Collected data entries
┌────────

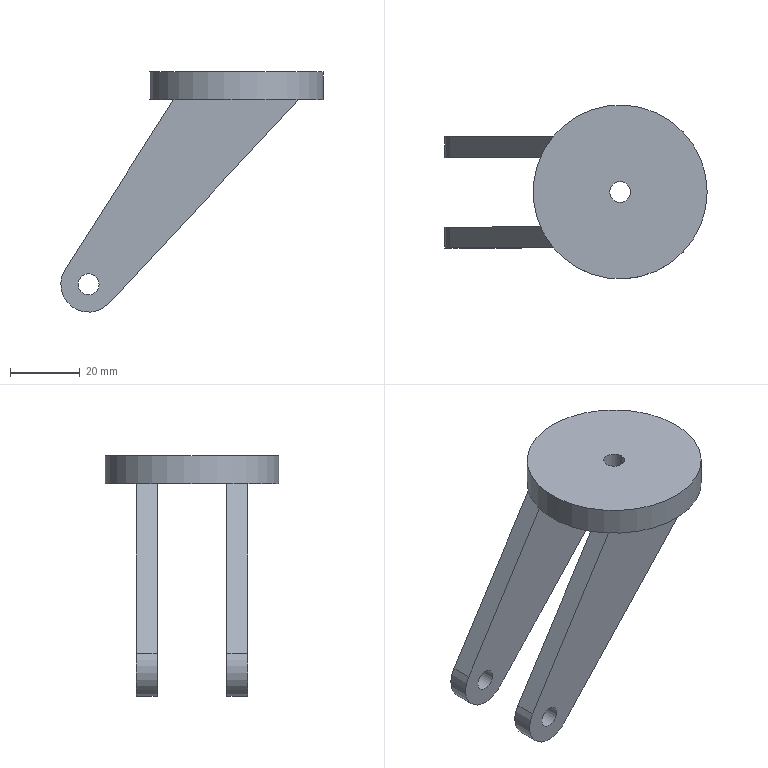Component | NX | UNI_WHEEL_CONN_FRAME | 1 solid | 16 faces | box 75.39 x 50 x 69.05 mm | volume 34354 mm3 | plane 10 | cylinder 6 | commonest cylinder face diameters 6 x3 16 x2 50 x1
STEP:
#1=CARTESIAN_POINT('',(0.,0.,0.));
#2=DIRECTION('',(0.,0.,1.));
#3=DIRECTION('',(1.,0.,0.));
#4=AXIS2_PLACEMENT_3D('',#1,#2,#3);
#5=CARTESIAN_POINT('',(447.437,-109.225,74.261));
#6=VERTEX_POINT('',#5);
#7=CARTESIAN_POINT('',(422.437,-109.225,74.261));
#8=DIRECTION('',(0.,0.,1.));
#9=DIRECTION('',(1.,0.,0.));
#10=AXIS2_PLACEMENT_3D('',#7,#8,#9);
#11=CIRCLE('',#10,25.);
#12=CARTESIAN_POINT('',(422.437,-109.225,74.261));
#13=DIRECTION('',(0.,0.,-1.));
#14=DIRECTION('',(-1.,0.,0.));
#15=AXIS2_PLACEMENT_3D('',#12,#13,#14);
#16=CYLINDRICAL_SURFACE('',#15,25.);
#17=CARTESIAN_POINT('',(9.425,0.));
#18=DIRECTION('',(-1.,0.));
#19=VECTOR('',#18,1.);
#20=LINE('',#17,#19);
#21=(GEOMETRIC_REPRESENTATION_CONTEXT(2)PARAMETRIC_REPRESENTATION_CONTEXT()REPRESENTATION_CONTEXT('',''));
#22=DEFINITIONAL_REPRESENTATION('',(#20),#21);
#23=PCURVE('',#16,#22);
#24=CARTESIAN_POINT('',(422.437,-109.225,74.261));
#25=DIRECTION('',(0.,0.,1.));
#26=DIRECTION('',(1.,0.,0.));
#27=AXIS2_PLACEMENT_3D('',#24,#25,#26);
#28=PLANE('',#27);
#29=CARTESIAN_POINT('',(0.,0.));
#30=DIRECTION('',(1.,0.));
#31=AXIS2_PLACEMENT_2D('',#29,#30);
#32=CIRCLE('',#31,25.);
#33=(GEOMETRIC_REPRESENTATION_CONTEXT(2)PARAMETRIC_REPRESENTATION_CONTEXT()REPRESENTATION_CONTEXT('',''));
#34=DEFINITIONAL_REPRESENTATION('',(#32),#33);
#35=PCURVE('',#28,#34);
#36=SURFACE_CURVE('',#11,(#23,#35),.PCURVE_S1.);
#37=EDGE_CURVE('',#6,#6,#36,.T.);
#38=ORIENTED_EDGE('',*,*,#37,.F.);
#39=CARTESIAN_POINT('',(447.437,-109.225,66.261));
#40=VERTEX_POINT('',#39);
#41=CARTESIAN_POINT('',(447.437,-109.225,74.261));
#42=CARTESIAN_POINT('',(447.437,-109.225,66.261));
#43=B_SPLINE_CURVE_WITH_KNOTS('',1,(#41,#42),.UNSPECIFIED.,.F.,.F.,(2,2),(0.,8.),.PIECEWISE_BEZIER_KNOTS.);
#44=CARTESIAN_POINT('',(9.425,0.));
#45=DIRECTION('',(0.,1.));
#46=VECTOR('',#45,1.);
#47=LINE('',#44,#46);
#48=(GEOMETRIC_REPRESENTATION_CONTEXT(2)PARAMETRIC_REPRESENTATION_CONTEXT()REPRESENTATION_CONTEXT('',''));
#49=DEFINITIONAL_REPRESENTATION('',(#47),#48);
#50=PCURVE('',#16,#49);
#51=CARTESIAN_POINT('',(3.142,0.));
#52=DIRECTION('',(0.,1.));
#53=VECTOR('',#52,1.);
#54=LINE('',#51,#53);
#55=(GEOMETRIC_REPRESENTATION_CONTEXT(2)PARAMETRIC_REPRESENTATION_CONTEXT()REPRESENTATION_CONTEXT('',''));
#56=DEFINITIONAL_REPRESENTATION('',(#54),#55);
#57=PCURVE('',#16,#56);
#58=SEAM_CURVE('',#43,(#50,#57),.PCURVE_S1.);
#59=EDGE_CURVE('',#6,#40,#58,.T.);
#60=ORIENTED_EDGE('',*,*,#59,.T.);
#61=CARTESIAN_POINT('',(422.437,-109.225,66.261));
#62=DIRECTION('',(0.,0.,1.));
#63=DIRECTION('',(1.,0.,0.));
#64=AXIS2_PLACEMENT_3D('',#61,#62,#63);
#65=CIRCLE('',#64,25.);
#66=CARTESIAN_POINT('',(9.425,8.));
#67=DIRECTION('',(-1.,0.));
#68=VECTOR('',#67,1.);
#69=LINE('',#66,#68);
#70=(GEOMETRIC_REPRESENTATION_CONTEXT(2)PARAMETRIC_REPRESENTATION_CONTEXT()REPRESENTATION_CONTEXT('',''));
#71=DEFINITIONAL_REPRESENTATION('',(#69),#70);
#72=PCURVE('',#16,#71);
#73=CARTESIAN_POINT('',(422.437,-109.225,66.261));
#74=DIRECTION('',(0.,0.,1.));
#75=DIRECTION('',(1.,0.,0.));
#76=AXIS2_PLACEMENT_3D('',#73,#74,#75);
#77=PLANE('',#76);
#78=CARTESIAN_POINT('',(0.,0.));
#79=DIRECTION('',(1.,0.));
#80=AXIS2_PLACEMENT_2D('',#78,#79);
#81=CIRCLE('',#80,25.);
#82=(GEOMETRIC_REPRESENTATION_CONTEXT(2)PARAMETRIC_REPRESENTATION_CONTEXT()REPRESENTATION_CONTEXT('',''));
#83=DEFINITIONAL_REPRESENTATION('',(#81),#82);
#84=PCURVE('',#77,#83);
#85=SURFACE_CURVE('',#65,(#72,#84),.PCURVE_S1.);
#86=EDGE_CURVE('',#40,#40,#85,.T.);
#87=ORIENTED_EDGE('',*,*,#86,.T.);
#88=ORIENTED_EDGE('',*,*,#59,.F.);
#89=EDGE_LOOP('',(#38,#60,#87,#88));
#90=FACE_BOUND('',#89,.T.);
#91=ADVANCED_FACE('',(#90),#16,.T.);
#92=CARTESIAN_POINT('',(425.437,-109.225,74.261));
#93=VERTEX_POINT('',#92);
#94=CARTESIAN_POINT('',(422.437,-109.225,74.261));
#95=DIRECTION('',(0.,0.,1.));
#96=DIRECTION('',(1.,0.,0.));
#97=AXIS2_PLACEMENT_3D('',#94,#95,#96);
#98=CIRCLE('',#97,3.);
#99=CARTESIAN_POINT('',(422.437,-109.225,74.261));
#100=DIRECTION('',(0.,0.,-1.));
#101=DIRECTION('',(-1.,0.,0.));
#102=AXIS2_PLACEMENT_3D('',#99,#100,#101);
#103=CYLINDRICAL_SURFACE('',#102,3.);
#104=CARTESIAN_POINT('',(9.425,0.));
#105=DIRECTION('',(-1.,0.));
#106=VECTOR('',#105,1.);
#107=LINE('',#104,#106);
#108=(GEOMETRIC_REPRESENTATION_CONTEXT(2)PARAMETRIC_REPRESENTATION_CONTEXT()REPRESENTATION_CONTEXT('',''));
#109=DEFINITIONAL_REPRESENTATION('',(#107),#108);
#110=PCURVE('',#103,#109);
#111=CARTESIAN_POINT('',(0.,0.));
#112=DIRECTION('',(1.,0.));
#113=AXIS2_PLACEMENT_2D('',#111,#112);
#114=CIRCLE('',#113,3.);
#115=(GEOMETRIC_REPRESENTATION_CONTEXT(2)PARAMETRIC_REPRESENTATION_CONTEXT()REPRESENTATION_CONTEXT('',''));
#116=DEFINITIONAL_REPRESENTATION('',(#114),#115);
#117=PCURVE('',#28,#116);
#118=SURFACE_CURVE('',#98,(#110,#117),.PCURVE_S1.);
#119=EDGE_CURVE('',#93,#93,#118,.T.);
#120=ORIENTED_EDGE('',*,*,#119,.F.);
#121=CARTESIAN_POINT('',(425.437,-109.225,66.261));
#122=VERTEX_POINT('',#121);
#123=CARTESIAN_POINT('',(425.437,-109.225,74.261));
#124=CARTESIAN_POINT('',(425.437,-109.225,66.261));
#125=B_SPLINE_CURVE_WITH_KNOTS('',1,(#123,#124),.UNSPECIFIED.,.F.,.F.,(2,2),(0.,8.),.PIECEWISE_BEZIER_KNOTS.);
#126=CARTESIAN_POINT('',(9.425,0.));
#127=DIRECTION('',(0.,1.));
#128=VECTOR('',#127,1.);
#129=LINE('',#126,#128);
#130=(GEOMETRIC_REPRESENTATION_CONTEXT(2)PARAMETRIC_REPRESENTATION_CONTEXT()REPRESENTATION_CONTEXT('',''));
#131=DEFINITIONAL_REPRESENTATION('',(#129),#130);
#132=PCURVE('',#103,#131);
#133=CARTESIAN_POINT('',(3.142,0.));
#134=DIRECTION('',(0.,1.));
#135=VECTOR('',#134,1.);
#136=LINE('',#133,#135);
#137=(GEOMETRIC_REPRESENTATION_CONTEXT(2)PARAMETRIC_REPRESENTATION_CONTEXT()REPRESENTATION_CONTEXT('',''));
#138=DEFINITIONAL_REPRESENTATION('',(#136),#137);
#139=PCURVE('',#103,#138);
#140=SEAM_CURVE('',#125,(#132,#139),.PCURVE_S1.);
#141=EDGE_CURVE('',#93,#122,#140,.T.);
#142=ORIENTED_EDGE('',*,*,#141,.T.);
#143=CARTESIAN_POINT('',(422.437,-109.225,66.261));
#144=DIRECTION('',(0.,0.,1.));
#145=DIRECTION('',(1.,0.,0.));
#146=AXIS2_PLACEMENT_3D('',#143,#144,#145);
#147=CIRCLE('',#146,3.);
#148=CARTESIAN_POINT('',(9.425,8.));
#149=DIRECTION('',(-1.,0.));
#150=VECTOR('',#149,1.);
#151=LINE('',#148,#150);
#152=(GEOMETRIC_REPRESENTATION_CONTEXT(2)PARAMETRIC_REPRESENTATION_CONTEXT()REPRESENTATION_CONTEXT('',''));
#153=DEFINITIONAL_REPRESENTATION('',(#151),#152);
#154=PCURVE('',#103,#153);
#155=CARTESIAN_POINT('',(0.,0.));
#156=DIRECTION('',(1.,0.));
#157=AXIS2_PLACEMENT_2D('',#155,#156);
#158=CIRCLE('',#157,3.);
#159=(GEOMETRIC_REPRESENTATION_CONTEXT(2)PARAMETRIC_REPRESENTATION_CONTEXT()REPRESENTATION_CONTEXT('',''));
#160=DEFINITIONAL_REPRESENTATION('',(#158),#159);
#161=PCURVE('',#77,#160);
#162=SURFACE_CURVE('',#147,(#154,#161),.PCURVE_S1.);
#163=EDGE_CURVE('',#122,#122,#162,.T.);
#164=ORIENTED_EDGE('',*,*,#163,.T.);
#165=ORIENTED_EDGE('',*,*,#141,.F.);
#166=EDGE_LOOP('',(#120,#142,#164,#165));
#167=FACE_BOUND('',#166,.F.);
#168=ADVANCED_FACE('',(#167),#103,.F.);
#169=ORIENTED_EDGE('',*,*,#37,.T.);
#170=EDGE_LOOP('',(#169));
#171=FACE_BOUND('',#170,.T.);
#172=ORIENTED_EDGE('',*,*,#119,.F.);
#173=EDGE_LOOP('',(#172));
#174=FACE_BOUND('',#173,.T.);
#175=ADVANCED_FACE('',(#171,#174),#28,.T.);
#176=CARTESIAN_POINT('',(440.437,-93.225,66.261));
#177=VERTEX_POINT('',#176);
#178=CARTESIAN_POINT('',(440.437,-99.225,66.261));
#179=VERTEX_POINT('',#178);
#180=CARTESIAN_POINT('',(440.437,-93.225,66.261));
#181=DIRECTION('',(0.,-1.,0.));
#182=VECTOR('',#181,1.);
#183=LINE('',#180,#182);
#184=CARTESIAN_POINT('',(18.,16.));
#185=DIRECTION('',(0.,-1.));
#186=VECTOR('',#185,1.);
#187=LINE('',#184,#186);
#188=(GEOMETRIC_REPRESENTATION_CONTEXT(2)PARAMETRIC_REPRESENTATION_CONTEXT()REPRESENTATION_CONTEXT('',''));
#189=DEFINITIONAL_REPRESENTATION('',(#187),#188);
#190=PCURVE('',#77,#189);
#191=CARTESIAN_POINT('',(385.896,-93.225,7.753));
#192=DIRECTION('',(0.7315,0.,-0.6819));
#193=DIRECTION('',(-0.6819,0.,-0.7315));
#194=AXIS2_PLACEMENT_3D('',#191,#192,#193);
#195=PLANE('',#194);
#196=CARTESIAN_POINT('',(-79.987,0.));
#197=DIRECTION('',(0.,-1.));
#198=VECTOR('',#197,1.);
#199=LINE('',#196,#198);
#200=(GEOMETRIC_REPRESENTATION_CONTEXT(2)PARAMETRIC_REPRESENTATION_CONTEXT()REPRESENTATION_CONTEXT('',''));
#201=DEFINITIONAL_REPRESENTATION('',(#199),#200);
#202=PCURVE('',#195,#201);
#203=SURFACE_CURVE('',#183,(#190,#202),.PCURVE_S1.);
#204=EDGE_CURVE('',#177,#179,#203,.T.);
#205=ORIENTED_EDGE('',*,*,#204,.F.);
#206=CARTESIAN_POINT('',(404.437,-93.225,66.261));
#207=VERTEX_POINT('',#206);
#208=CARTESIAN_POINT('',(440.437,-93.225,66.261));
#209=DIRECTION('',(-1.,0.,-0.));
#210=VECTOR('',#209,1.);
#211=LINE('',#208,#210);
#212=CARTESIAN_POINT('',(18.,16.));
#213=DIRECTION('',(-1.,0.));
#214=VECTOR('',#213,1.);
#215=LINE('',#212,#214);
#216=(GEOMETRIC_REPRESENTATION_CONTEXT(2)PARAMETRIC_REPRESENTATION_CONTEXT()REPRESENTATION_CONTEXT('',''));
#217=DEFINITIONAL_REPRESENTATION('',(#215),#216);
#218=PCURVE('',#77,#217);
#219=CARTESIAN_POINT('',(380.045,-93.225,13.208));
#220=DIRECTION('',(0.,-1.,0.));
#221=DIRECTION('',(0.,0.,-1.));
#222=AXIS2_PLACEMENT_3D('',#219,#220,#221);
#223=PLANE('',#222);
#224=CARTESIAN_POINT('',(-53.054,60.392));
#225=DIRECTION('',(0.,-1.));
#226=VECTOR('',#225,1.);
#227=LINE('',#224,#226);
#228=(GEOMETRIC_REPRESENTATION_CONTEXT(2)PARAMETRIC_REPRESENTATION_CONTEXT()REPRESENTATION_CONTEXT('',''));
#229=DEFINITIONAL_REPRESENTATION('',(#227),#228);
#230=PCURVE('',#223,#229);
#231=SURFACE_CURVE('',#211,(#218,#230),.PCURVE_S1.);
#232=EDGE_CURVE('',#177,#207,#231,.T.);
#233=ORIENTED_EDGE('',*,*,#232,.T.);
#234=CARTESIAN_POINT('',(404.437,-99.225,66.261));
#235=VERTEX_POINT('',#234);
#236=CARTESIAN_POINT('',(404.437,-93.225,66.261));
#237=DIRECTION('',(0.,-1.,0.));
#238=VECTOR('',#237,1.);
#239=LINE('',#236,#238);
#240=CARTESIAN_POINT('',(-18.,16.));
#241=DIRECTION('',(0.,-1.));
#242=VECTOR('',#241,1.);
#243=LINE('',#240,#242);
#244=(GEOMETRIC_REPRESENTATION_CONTEXT(2)PARAMETRIC_REPRESENTATION_CONTEXT()REPRESENTATION_CONTEXT('',''));
#245=DEFINITIONAL_REPRESENTATION('',(#243),#244);
#246=PCURVE('',#77,#245);
#247=CARTESIAN_POINT('',(404.437,-93.225,66.261));
#248=DIRECTION('',(-0.8428,0.,0.5383));
#249=DIRECTION('',(0.5383,0.,0.8428));
#250=AXIS2_PLACEMENT_3D('',#247,#248,#249);
#251=PLANE('',#250);
#252=CARTESIAN_POINT('',(0.,0.));
#253=DIRECTION('',(0.,-1.));
#254=VECTOR('',#253,1.);
#255=LINE('',#252,#254);
#256=(GEOMETRIC_REPRESENTATION_CONTEXT(2)PARAMETRIC_REPRESENTATION_CONTEXT()REPRESENTATION_CONTEXT('',''));
#257=DEFINITIONAL_REPRESENTATION('',(#255),#256);
#258=PCURVE('',#251,#257);
#259=SURFACE_CURVE('',#239,(#246,#258),.PCURVE_S1.);
#260=EDGE_CURVE('',#207,#235,#259,.T.);
#261=ORIENTED_EDGE('',*,*,#260,.T.);
#262=CARTESIAN_POINT('',(440.437,-99.225,66.261));
#263=DIRECTION('',(-1.,0.,-0.));
#264=VECTOR('',#263,1.);
#265=LINE('',#262,#264);
#266=CARTESIAN_POINT('',(18.,10.));
#267=DIRECTION('',(-1.,0.));
#268=VECTOR('',#267,1.);
#269=LINE('',#266,#268);
#270=(GEOMETRIC_REPRESENTATION_CONTEXT(2)PARAMETRIC_REPRESENTATION_CONTEXT()REPRESENTATION_CONTEXT('',''));
#271=DEFINITIONAL_REPRESENTATION('',(#269),#270);
#272=PCURVE('',#77,#271);
#273=CARTESIAN_POINT('',(380.045,-99.225,13.208));
#274=DIRECTION('',(0.,-1.,0.));
#275=DIRECTION('',(0.,0.,-1.));
#276=AXIS2_PLACEMENT_3D('',#273,#274,#275);
#277=PLANE('',#276);
#278=CARTESIAN_POINT('',(-53.054,60.392));
#279=DIRECTION('',(0.,-1.));
#280=VECTOR('',#279,1.);
#281=LINE('',#278,#280);
#282=(GEOMETRIC_REPRESENTATION_CONTEXT(2)PARAMETRIC_REPRESENTATION_CONTEXT()REPRESENTATION_CONTEXT('',''));
#283=DEFINITIONAL_REPRESENTATION('',(#281),#282);
#284=PCURVE('',#277,#283);
#285=SURFACE_CURVE('',#265,(#272,#284),.PCURVE_S1.);
#286=EDGE_CURVE('',#179,#235,#285,.T.);
#287=ORIENTED_EDGE('',*,*,#286,.F.);
#288=EDGE_LOOP('',(#205,#233,#261,#287));
#289=FACE_BOUND('',#288,.T.);
#290=CARTESIAN_POINT('',(440.437,-125.225,66.261));
#291=VERTEX_POINT('',#290);
#292=CARTESIAN_POINT('',(440.437,-119.225,66.261));
#293=VERTEX_POINT('',#292);
#294=CARTESIAN_POINT('',(440.437,-125.225,66.261));
#295=DIRECTION('',(0.,1.,0.));
#296=VECTOR('',#295,1.);
#297=LINE('',#294,#296);
#298=CARTESIAN_POINT('',(18.,-16.));
#299=DIRECTION('',(0.,1.));
#300=VECTOR('',#299,1.);
#301=LINE('',#298,#300);
#302=(GEOMETRIC_REPRESENTATION_CONTEXT(2)PARAMETRIC_REPRESENTATION_CONTEXT()REPRESENTATION_CONTEXT('',''));
#303=DEFINITIONAL_REPRESENTATION('',(#301),#302);
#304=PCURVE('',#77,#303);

└────────

WHAT YOU SHOULD DO → Repeat exactly and only the lines from the start of the data above through the line that holds "#10=AXIS2_PLACEMENT_3D('',#7,#8,#9);", inclusive. Pictures do not belong in the copy.

YOUR RESPONSE →
Component | NX | UNI_WHEEL_CONN_FRAME | 1 solid | 16 faces | box 75.39 x 50 x 69.05 mm | volume 34354 mm3 | plane 10 | cylinder 6 | commonest cylinder face diameters 6 x3 16 x2 50 x1
STEP:
#1=CARTESIAN_POINT('',(0.,0.,0.));
#2=DIRECTION('',(0.,0.,1.));
#3=DIRECTION('',(1.,0.,0.));
#4=AXIS2_PLACEMENT_3D('',#1,#2,#3);
#5=CARTESIAN_POINT('',(447.437,-109.225,74.261));
#6=VERTEX_POINT('',#5);
#7=CARTESIAN_POINT('',(422.437,-109.225,74.261));
#8=DIRECTION('',(0.,0.,1.));
#9=DIRECTION('',(1.,0.,0.));
#10=AXIS2_PLACEMENT_3D('',#7,#8,#9);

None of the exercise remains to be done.